Aim of the task:
Exactly and only the lines from the first entry through the line with "x_axis=(-0.798501507879, -0.601992808857, 0.0)))" should be copied, both ends included, with no pictures.

[Collection entries]
#####

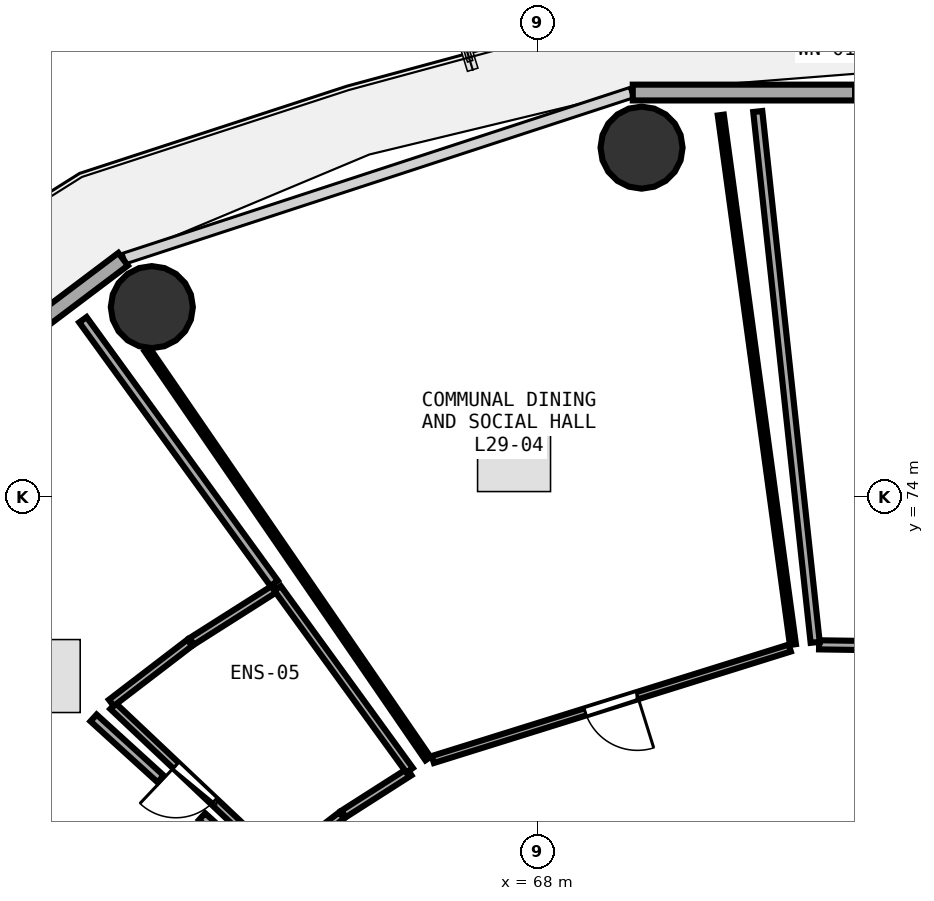
"""IFC4 building model, lengths in metres.
Left out: names, types, materials, properties, quantities, classifications, styles, units other than length and angle.
Written with IfcOpenShell. Run it as: python <this file> out.ifc"""

import sys

from ifc_helpers import new_model, si_unit, direction, frame, frame_2d, origin, origin_2d, place, context, subcontext, project, spatial, rectangle, circle, extrude, element, fill, save


model = new_model("IFC4")
c1 = context("Model", 3, precision=1e-05, world=origin(), true_north=direction((0.0, 1.0)))
c2 = subcontext(c1, "Body", "Model", "MODEL_VIEW")
j1 = project(units=[si_unit("LENGTHUNIT", "METRE"), si_unit("PLANEANGLEUNIT", "RADIAN")], contexts=[c1])
p1 = place(None, origin())
s1 = spatial("IfcSite", under=j1, at=p1, CompositionType="ELEMENT")
p2 = place(p1, origin())
s2 = spatial("IfcBuilding", under=s1, at=p2, CompositionType="ELEMENT")
p3 = place(p2, frame((0.0, 0.0, 113.85)))
s3 = spatial("IfcBuildingStorey", under=s2, at=p3, CompositionType="ELEMENT", Elevation=113.85)
for number, where, z_axis, x_axis in (
    (1, (69.714, 79.745, 0.0), (0.0, 0.0, 1.0), (1.0, 0.0, 0.0)),
    (2, (61.66, 77.122, 0.0), (0.0, 0.0, 1.0), (1.0, 0.0, 0.0)),
):
    element("IfcColumn", number, at=place(p3, frame(where, z_axis=z_axis, x_axis=x_axis)), inside=s3, PredefinedType="COLUMN", context=c2, shape_type="SweptSolid", body=[
        extrude(circle(Radius=0.675, at=origin_2d()), origin(), (0.0, 0.0, 1.0), 3.75),
    ])
p4 = place(p3, frame((78.43, 80.651, 0.0), z_axis=(0.0, 0.0, 1.0), x_axis=(-1.0, 0.0, 0.0)))
e3 = element("IfcWall", 3, at=p4, inside=s3, PredefinedType="SOLIDWALL", context=c2, shape_type="SweptSolid", body=[
    extrude(rectangle(XDim=8.861, YDim=0.26, at=frame_2d((4.43, 0.0))), origin(), (0.0, 0.0, 1.0), 3.475),
])
p5 = place(p4, frame((3.63, 0.0, 0.85)))
e4 = element("IfcOpeningElement", 4, at=p5, cuts=e3, PredefinedType="OPENING", context=c2, shape_type="SweptSolid", body=[
    extrude(rectangle(XDim=1.6, YDim=1.45, at=frame_2d((0.8, 0.725))), frame((0.0, 0.14, 0.0), z_axis=(0.0, -1.0, 0.0), x_axis=(1.0, 0.0, 0.0)), (0.0, 0.0, 1.0), 0.28),
])
p6 = place(p3, frame((61.188, 77.91, 0.0), z_axis=(0.0, 0.0, 1.0), x_axis=(-0.798501507879, -0.601992808857, 0.0)))
e5 = element("IfcWall", 5, at=p6, inside=s3, PredefinedType="SOLIDWALL", context=c2, shape_type="SweptSolid", body=[
    extrude(rectangle(XDim=8.499, YDim=0.26, at=frame_2d((4.25, 0.0))), origin(), (0.0, 0.0, 1.0), 3.475),
])
p7 = place(p6, frame((3.45, 0.0, 0.85)))
e6 = element("IfcOpeningElement", 6, at=p7, cuts=e5, PredefinedType="OPENING", context=c2, shape_type="SweptSolid", body=[
    extrude(rectangle(XDim=1.6, YDim=1.45, at=frame_2d((0.8, 0.725))), frame((0.0, 0.14, 0.0), z_axis=(0.0, -1.0, 0.0), x_axis=(1.0, 0.0, 0.0)), (0.0, 0.0, 1.0), 0.28),
])
p8 = place(p3, frame((75.856, 71.52, 0.0), z_axis=(0.0, 0.0, 1.0), x_axis=(-0.999888601473, 0.014925972152, 0.0)))
e7 = element("IfcWall", 7, at=p8, inside=s3, PredefinedType="PARTITIONING", context=c2, shape_type="SweptSolid", body=[
    extrude(rectangle(XDim=3.222, YDim=0.15, at=frame_2d((1.611, 0.0))), origin(), (0.0, 0.0, 1.0), 3.48),
])
p9 = place(p8, frame((1.136, 0.0, 0.0)))
e8 = element("IfcOpeningElement", 8, at=p9, cuts=e7, PredefinedType="OPENING", context=c2, shape_type="SweptSolid", body=[
    extrude(rectangle(XDim=0.95, YDim=2.08, at=frame_2d((0.475, 1.04))), frame((0.0, 0.085, 0.0), z_axis=(0.0, -1.0, 0.0), x_axis=(1.0, 0.0, 0.0)), (0.0, 0.0, 1.0), 0.17),
])
p10 = place(p3, frame((72.152, 71.515, 0.0), z_axis=(0.0, 0.0, 1.0), x_axis=(-0.954537176379, -0.298091896753, 0.0)))
e9 = element("IfcWall", 9, at=p10, inside=s3, PredefinedType="PARTITIONING", context=c2, shape_type="SweptSolid", body=[
    extrude(rectangle(XDim=6.15, YDim=0.12, at=frame_2d((3.075, 0.0))), origin(), (0.0, 0.0, 1.0), 2.925),
])
p11 = place(p10, frame((2.625, 0.0, 0.0)))
e10 = element("IfcOpeningElement", 10, at=p11, cuts=e9, PredefinedType="OPENING", context=c2, shape_type="SweptSolid", body=[
    extrude(rectangle(XDim=0.9, YDim=2.08, at=frame_2d((0.45, 1.04))), frame((0.0, 0.07, 0.0), z_axis=(0.0, -1.0, 0.0), x_axis=(1.0, 0.0, 0.0)), (0.0, 0.0, 1.0), 0.14),
])
p12 = place(p3, frame((63.714, 68.017, 0.0), z_axis=(0.0, 0.0, 1.0), x_axis=(-0.726954661445, 0.686685459438, 0.0)))
e11 = element("IfcWall", 11, at=p12, inside=s3, PredefinedType="PLUMBINGWALL", context=c2, shape_type="SweptSolid", body=[
    extrude(rectangle(XDim=3.704, YDim=0.13, at=frame_2d((1.852, 0.0))), origin(), (0.0, 0.0, 1.0), 3.175),
])
p13 = place(p12, frame((1.422, 0.0, 0.0)))
e12 = element("IfcOpeningElement", 12, at=p13, cuts=e11, PredefinedType="OPENING", context=c2, shape_type="SweptSolid", body=[
    extrude(rectangle(XDim=0.86, YDim=2.05, at=frame_2d((0.43, 1.025))), frame((0.0, 0.075, 0.0), z_axis=(0.0, -1.0, 0.0), x_axis=(1.0, 0.0, 0.0)), (0.0, 0.0, 1.0), 0.15),
])
p14 = place(p3, frame((72.57, 71.609, 0.0), z_axis=(0.0, 0.0, 1.0), x_axis=(-0.107541262508, 0.994200622037, 0.0)))
e13 = element("IfcWall", 13, at=p14, inside=s3, PredefinedType="PARTITIONING", context=c2, shape_type="SweptSolid", body=[
    extrude(rectangle(XDim=8.781, YDim=0.15, at=frame_2d((4.391, 0.0))), origin(), (0.0, 0.0, 1.0), 2.975),
])
p15 = place(p3, frame((66.201, 69.697, 0.0), z_axis=(0.0, 0.0, 1.0), x_axis=(-0.566050189738, 0.824370779866, 0.0)))
e14 = element("IfcWall", 14, at=p15, inside=s3, PredefinedType="PARTITIONING", context=c2, shape_type="SweptSolid", body=[
    extrude(rectangle(XDim=8.163, YDim=0.1, at=frame_2d((4.082, 0.0))), origin(), (0.0, 0.0, 1.0), 2.925),
])
p16 = place(p3, frame((71.017, 80.281, 0.0), z_axis=(0.0, 0.0, 1.0), x_axis=(0.134981799135, -0.990848078114, 0.0)))
e15 = element("IfcWall", 15, at=p16, inside=s3, PredefinedType="PARTITIONING", context=c2, shape_type="SweptSolid", body=[
    extrude(rectangle(XDim=8.788, YDim=0.1, at=frame_2d((4.394, 0.0))), origin(), (0.0, 0.0, 1.0), 2.975),
])
p17 = place(p3, frame((65.895, 69.477, 0.0), z_axis=(0.0, 0.0, 1.0), x_axis=(-0.842782601573, -0.538254109586, 0.0)))
e16 = element("IfcWall", 16, at=p17, inside=s3, PredefinedType="PLUMBINGWALL", context=c2, shape_type="SweptSolid", body=[
    extrude(rectangle(XDim=1.283, YDim=0.13, at=frame_2d((0.641, 0.0))), origin(), (0.0, 0.0, 1.0), 2.925),
])
p18 = place(p3, frame((64.781, 68.764, 0.0), z_axis=(0.0, 0.0, 1.0), x_axis=(-0.792402667756, -0.609998370599, 0.0)))
e17 = element("IfcWall", 17, at=p18, inside=s3, PredefinedType="PLUMBINGWALL", context=c2, shape_type="SweptSolid", body=[
    extrude(rectangle(XDim=1.271, YDim=0.13, at=frame_2d((0.636, 0.0))), origin(), (0.0, 0.0, 1.0), 2.925),
])
p19 = place(p3, frame((60.994, 70.614, 0.0), z_axis=(0.0, 0.0, 1.0), x_axis=(0.793879690019, 0.608074861982, 0.0)))
e18 = element("IfcWall", 18, at=p19, inside=s3, PredefinedType="PLUMBINGWALL", context=c2, shape_type="SweptSolid", body=[
    extrude(rectangle(XDim=1.624, YDim=0.13, at=frame_2d((0.812, 0.0))), origin(), (0.0, 0.0, 1.0), 3.175),
])
p20 = place(p3, frame((62.316, 71.625, 0.0), z_axis=(0.0, 0.0, 1.0), x_axis=(0.844446099651, 0.535640536913, 0.0)))
e19 = element("IfcWall", 19, at=p20, inside=s3, PredefinedType="PLUMBINGWALL", context=c2, shape_type="SweptSolid", body=[
    extrude(rectangle(XDim=1.638, YDim=0.13, at=frame_2d((0.819, 0.0))), origin(), (0.0, 0.0, 1.0), 2.925),
])
p21 = place(p3, frame((63.728, 72.497, 0.0), z_axis=(0.0, 0.0, 1.0), x_axis=(0.587484552708, -0.809235380053, 0.0)))
e20 = element("IfcWall", 20, at=p21, inside=s3, PredefinedType="PLUMBINGWALL", context=c2, shape_type="SweptSolid", body=[
    extrude(rectangle(XDim=3.698, YDim=0.13, at=frame_2d((1.849, 0.0))), origin(), (0.0, 0.0, 1.0), 3.175),
])
p22 = place(p3, frame((61.378, 65.469, 0.0), z_axis=(0.0, 0.0, 1.0), x_axis=(-0.867006010233, 0.498297680328, 0.0)))
e21 = element("IfcWall", 21, at=p22, inside=s3, PredefinedType="PARTITIONING", context=c2, shape_type="SweptSolid", body=[
    extrude(rectangle(XDim=9.627, YDim=0.15, at=frame_2d((4.813, 0.0))), origin(), (0.0, 0.0, 1.0), 2.975),
])
p23 = place(p3, frame((60.527, 76.915, 0.0), z_axis=(0.0, 0.0, 1.0), x_axis=(0.587181937274, -0.809454984875, 0.0)))
e22 = element("IfcWall", 22, at=p23, inside=s3, PredefinedType="PARTITIONING", context=c2, shape_type="SweptSolid", body=[
    extrude(rectangle(XDim=5.356, YDim=0.15, at=frame_2d((2.678, 0.0))), origin(), (0.0, 0.0, 1.0), 2.925),
])
p24 = place(p3, frame((60.702, 70.366, 0.0), z_axis=(0.0, 0.0, 1.0), x_axis=(0.739866002318, -0.67275426317, 0.0)))
e23 = element("IfcWall", 23, at=p24, inside=s3, PredefinedType="PARTITIONING", context=c2, shape_type="SweptSolid", body=[
    extrude(rectangle(XDim=1.491, YDim=0.15, at=frame_2d((0.746, 0.0))), origin(), (0.0, 0.0, 1.0), 3.175),
])
p25 = place(p3, frame((62.486, 68.744, 0.0), z_axis=(0.0, 0.0, 1.0), x_axis=(0.740107815143, -0.672488231841, 0.0)))
e24 = element("IfcWall", 24, at=p25, inside=s3, PredefinedType="PARTITIONING", context=c2, shape_type="SweptSolid", body=[
    extrude(rectangle(XDim=1.383, YDim=0.15, at=frame_2d((0.691, 0.0))), origin(), (0.0, 0.0, 1.0), 3.235),
])
p26 = place(p5, origin())
e25 = element("IfcWindow", 25, at=p26, inside=s3, PartitioningType="SINGLE_PANEL", PredefinedType="WINDOW", context=c2, shape_type="SweptSolid", body=[
    extrude(rectangle(XDim=1.6, YDim=1.45, at=frame_2d((0.8, 0.725))), frame((0.0, 0.03, 0.0), z_axis=(0.0, -1.0, 0.0), x_axis=(1.0, 0.0, 0.0)), (0.0, 0.0, 1.0), 0.06),
])
fill(e4, e25)
p27 = place(p11, origin())
e26 = element("IfcDoor", 26, at=p27, inside=s3, OperationType="SINGLE_SWING_LEFT", PredefinedType="DOOR", context=c2, shape_type="SweptSolid", body=[
    extrude(rectangle(XDim=0.9, YDim=2.08, at=frame_2d((0.45, 1.04))), frame((0.0, 0.025, 0.0), z_axis=(0.0, -1.0, 0.0), x_axis=(1.0, 0.0, 0.0)), (0.0, 0.0, 1.0), 0.05),
])
fill(e10, e26)
p28 = place(p13, origin())
e27 = element("IfcDoor", 27, at=p28, inside=s3, OperationType="SINGLE_SWING_RIGHT", PredefinedType="DOOR", context=c2, shape_type="SweptSolid", body=[
    extrude(rectangle(XDim=0.86, YDim=2.05, at=frame_2d((0.43, 1.025))), frame((0.0, 0.025, 0.0), z_axis=(0.0, -1.0, 0.0), x_axis=(1.0, 0.0, 0.0)), (0.0, 0.0, 1.0), 0.05),
])
fill(e12, e27)
save(model, sys.argv[1])

#####

Answer section:
"""IFC4 building model, lengths in metres.
Left out: names, types, materials, properties, quantities, classifications, styles, units other than length and angle.
Written with IfcOpenShell. Run it as: python <this file> out.ifc"""

import sys

from ifc_helpers import new_model, si_unit, direction, frame, frame_2d, origin, origin_2d, place, context, subcontext, project, spatial, rectangle, circle, extrude, element, fill, save


model = new_model("IFC4")
c1 = context("Model", 3, precision=1e-05, world=origin(), true_north=direction((0.0, 1.0)))
c2 = subcontext(c1, "Body", "Model", "MODEL_VIEW")
j1 = project(units=[si_unit("LENGTHUNIT", "METRE"), si_unit("PLANEANGLEUNIT", "RADIAN")], contexts=[c1])
p1 = place(None, origin())
s1 = spatial("IfcSite", under=j1, at=p1, CompositionType="ELEMENT")
p2 = place(p1, origin())
s2 = spatial("IfcBuilding", under=s1, at=p2, CompositionType="ELEMENT")
p3 = place(p2, frame((0.0, 0.0, 113.85)))
s3 = spatial("IfcBuildingStorey", under=s2, at=p3, CompositionType="ELEMENT", Elevation=113.85)
for number, where, z_axis, x_axis in (
    (1, (69.714, 79.745, 0.0), (0.0, 0.0, 1.0), (1.0, 0.0, 0.0)),
    (2, (61.66, 77.122, 0.0), (0.0, 0.0, 1.0), (1.0, 0.0, 0.0)),
):
    element("IfcColumn", number, at=place(p3, frame(where, z_axis=z_axis, x_axis=x_axis)), inside=s3, PredefinedType="COLUMN", context=c2, shape_type="SweptSolid", body=[
        extrude(circle(Radius=0.675, at=origin_2d()), origin(), (0.0, 0.0, 1.0), 3.75),
    ])
p4 = place(p3, frame((78.43, 80.651, 0.0), z_axis=(0.0, 0.0, 1.0), x_axis=(-1.0, 0.0, 0.0)))
e3 = element("IfcWall", 3, at=p4, inside=s3, PredefinedType="SOLIDWALL", context=c2, shape_type="SweptSolid", body=[
    extrude(rectangle(XDim=8.861, YDim=0.26, at=frame_2d((4.43, 0.0))), origin(), (0.0, 0.0, 1.0), 3.475),
])
p5 = place(p4, frame((3.63, 0.0, 0.85)))
e4 = element("IfcOpeningElement", 4, at=p5, cuts=e3, PredefinedType="OPENING", context=c2, shape_type="SweptSolid", body=[
    extrude(rectangle(XDim=1.6, YDim=1.45, at=frame_2d((0.8, 0.725))), frame((0.0, 0.14, 0.0), z_axis=(0.0, -1.0, 0.0), x_axis=(1.0, 0.0, 0.0)), (0.0, 0.0, 1.0), 0.28),
])
p6 = place(p3, frame((61.188, 77.91, 0.0), z_axis=(0.0, 0.0, 1.0), x_axis=(-0.798501507879, -0.601992808857, 0.0)))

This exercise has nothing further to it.